# TASK PROMPT
Go through the data and copy every line in which "name" appears.

# Source data
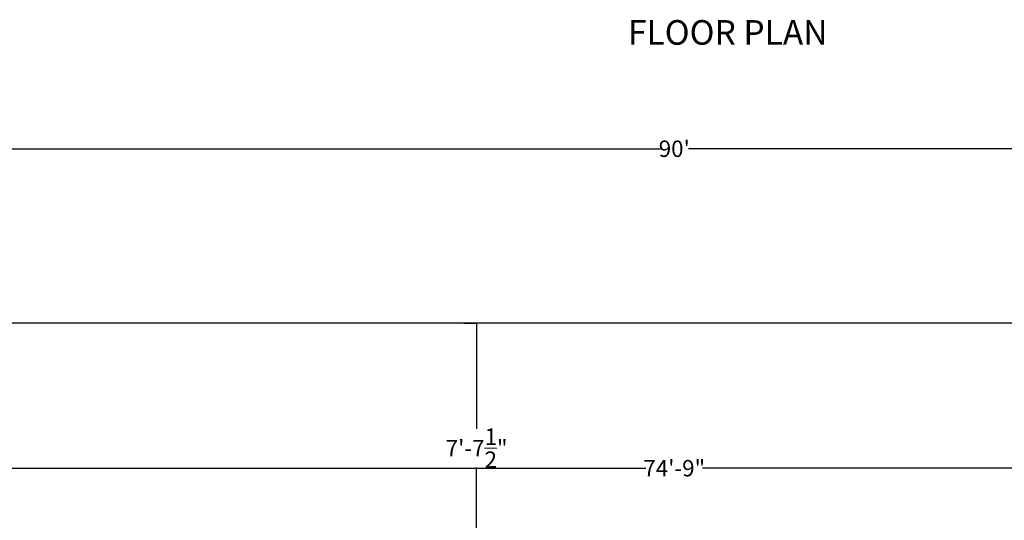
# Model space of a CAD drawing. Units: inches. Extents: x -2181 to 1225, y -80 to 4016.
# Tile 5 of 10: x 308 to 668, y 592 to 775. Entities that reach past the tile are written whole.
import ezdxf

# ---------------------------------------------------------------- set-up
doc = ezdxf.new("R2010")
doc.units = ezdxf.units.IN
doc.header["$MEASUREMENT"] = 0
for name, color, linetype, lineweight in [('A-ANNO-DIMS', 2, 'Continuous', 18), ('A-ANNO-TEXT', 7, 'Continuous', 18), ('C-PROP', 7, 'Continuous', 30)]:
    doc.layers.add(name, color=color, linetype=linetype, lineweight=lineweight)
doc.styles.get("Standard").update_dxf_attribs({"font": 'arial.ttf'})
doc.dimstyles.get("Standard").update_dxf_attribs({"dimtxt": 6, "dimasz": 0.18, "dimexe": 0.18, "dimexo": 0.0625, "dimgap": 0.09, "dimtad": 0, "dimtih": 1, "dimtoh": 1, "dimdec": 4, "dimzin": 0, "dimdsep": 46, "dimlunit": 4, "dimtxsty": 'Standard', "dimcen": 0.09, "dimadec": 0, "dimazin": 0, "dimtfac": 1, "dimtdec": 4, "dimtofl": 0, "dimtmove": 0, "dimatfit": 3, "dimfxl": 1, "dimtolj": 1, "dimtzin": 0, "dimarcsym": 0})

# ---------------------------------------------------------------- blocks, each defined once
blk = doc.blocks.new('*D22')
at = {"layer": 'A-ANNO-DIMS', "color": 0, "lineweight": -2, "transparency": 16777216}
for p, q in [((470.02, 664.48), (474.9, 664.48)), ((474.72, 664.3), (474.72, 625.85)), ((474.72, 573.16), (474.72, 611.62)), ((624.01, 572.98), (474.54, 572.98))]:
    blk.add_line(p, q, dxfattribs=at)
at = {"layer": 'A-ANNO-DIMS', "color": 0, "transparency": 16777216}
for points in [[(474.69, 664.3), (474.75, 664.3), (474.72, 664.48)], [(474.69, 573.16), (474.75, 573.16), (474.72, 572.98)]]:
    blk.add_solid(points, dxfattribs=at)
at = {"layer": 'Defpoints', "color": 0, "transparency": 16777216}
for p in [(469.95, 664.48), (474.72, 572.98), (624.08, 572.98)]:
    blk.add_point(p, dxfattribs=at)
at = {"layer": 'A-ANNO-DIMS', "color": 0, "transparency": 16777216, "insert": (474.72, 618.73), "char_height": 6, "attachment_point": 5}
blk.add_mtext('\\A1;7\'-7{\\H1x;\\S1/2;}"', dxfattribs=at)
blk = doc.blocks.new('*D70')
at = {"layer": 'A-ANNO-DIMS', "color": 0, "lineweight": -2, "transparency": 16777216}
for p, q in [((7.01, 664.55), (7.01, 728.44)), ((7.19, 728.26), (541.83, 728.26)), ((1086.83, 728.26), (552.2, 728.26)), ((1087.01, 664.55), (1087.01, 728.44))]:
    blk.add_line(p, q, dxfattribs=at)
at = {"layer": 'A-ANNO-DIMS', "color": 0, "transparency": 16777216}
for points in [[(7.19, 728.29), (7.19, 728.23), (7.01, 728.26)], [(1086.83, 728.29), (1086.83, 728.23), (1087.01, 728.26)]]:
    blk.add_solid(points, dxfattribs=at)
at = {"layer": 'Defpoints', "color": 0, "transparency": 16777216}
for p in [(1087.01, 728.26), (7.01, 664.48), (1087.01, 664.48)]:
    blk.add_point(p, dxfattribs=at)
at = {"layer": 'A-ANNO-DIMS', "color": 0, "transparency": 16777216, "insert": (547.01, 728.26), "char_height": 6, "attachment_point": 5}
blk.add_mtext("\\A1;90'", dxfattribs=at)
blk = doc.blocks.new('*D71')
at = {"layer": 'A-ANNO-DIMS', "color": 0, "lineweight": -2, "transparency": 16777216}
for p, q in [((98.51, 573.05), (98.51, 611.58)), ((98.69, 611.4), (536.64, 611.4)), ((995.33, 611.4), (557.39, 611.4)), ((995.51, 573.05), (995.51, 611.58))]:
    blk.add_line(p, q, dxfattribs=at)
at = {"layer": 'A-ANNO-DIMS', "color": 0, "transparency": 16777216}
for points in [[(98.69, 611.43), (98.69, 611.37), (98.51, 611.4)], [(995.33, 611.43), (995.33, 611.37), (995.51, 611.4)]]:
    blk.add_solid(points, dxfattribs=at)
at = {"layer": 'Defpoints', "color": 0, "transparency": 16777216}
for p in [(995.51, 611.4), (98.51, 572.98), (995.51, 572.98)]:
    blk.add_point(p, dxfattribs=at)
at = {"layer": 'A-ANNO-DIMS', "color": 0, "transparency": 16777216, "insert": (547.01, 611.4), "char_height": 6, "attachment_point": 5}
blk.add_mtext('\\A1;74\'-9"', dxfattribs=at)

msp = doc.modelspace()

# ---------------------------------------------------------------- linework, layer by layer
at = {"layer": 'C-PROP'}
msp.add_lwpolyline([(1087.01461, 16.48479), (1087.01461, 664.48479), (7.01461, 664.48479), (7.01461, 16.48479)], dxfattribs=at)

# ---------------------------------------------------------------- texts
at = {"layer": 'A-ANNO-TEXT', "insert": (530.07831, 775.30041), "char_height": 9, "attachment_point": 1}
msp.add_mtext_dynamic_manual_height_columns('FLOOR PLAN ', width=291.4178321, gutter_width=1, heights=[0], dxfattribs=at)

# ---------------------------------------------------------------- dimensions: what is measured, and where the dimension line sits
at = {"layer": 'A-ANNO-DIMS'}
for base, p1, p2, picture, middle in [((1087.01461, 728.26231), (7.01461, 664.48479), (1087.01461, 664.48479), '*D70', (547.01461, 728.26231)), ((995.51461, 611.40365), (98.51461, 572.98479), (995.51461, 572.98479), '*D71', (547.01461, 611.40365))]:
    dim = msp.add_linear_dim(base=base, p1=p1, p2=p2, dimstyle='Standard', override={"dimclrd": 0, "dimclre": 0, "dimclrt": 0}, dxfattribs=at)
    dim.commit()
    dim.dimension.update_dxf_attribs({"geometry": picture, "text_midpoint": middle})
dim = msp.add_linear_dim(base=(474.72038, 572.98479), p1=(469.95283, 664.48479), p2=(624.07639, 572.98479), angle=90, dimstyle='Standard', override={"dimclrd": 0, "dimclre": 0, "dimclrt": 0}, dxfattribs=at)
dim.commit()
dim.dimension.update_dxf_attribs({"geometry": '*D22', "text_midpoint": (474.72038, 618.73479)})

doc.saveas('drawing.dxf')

# SOLUTION
for name, color, linetype, lineweight in [('A-ANNO-DIMS', 2, 'Continuous', 18), ('A-ANNO-TEXT', 7, 'Continuous', 18), ('C-PROP', 7, 'Continuous', 30)]:
    doc.layers.add(name, color=color, linetype=linetype, lineweight=lineweight)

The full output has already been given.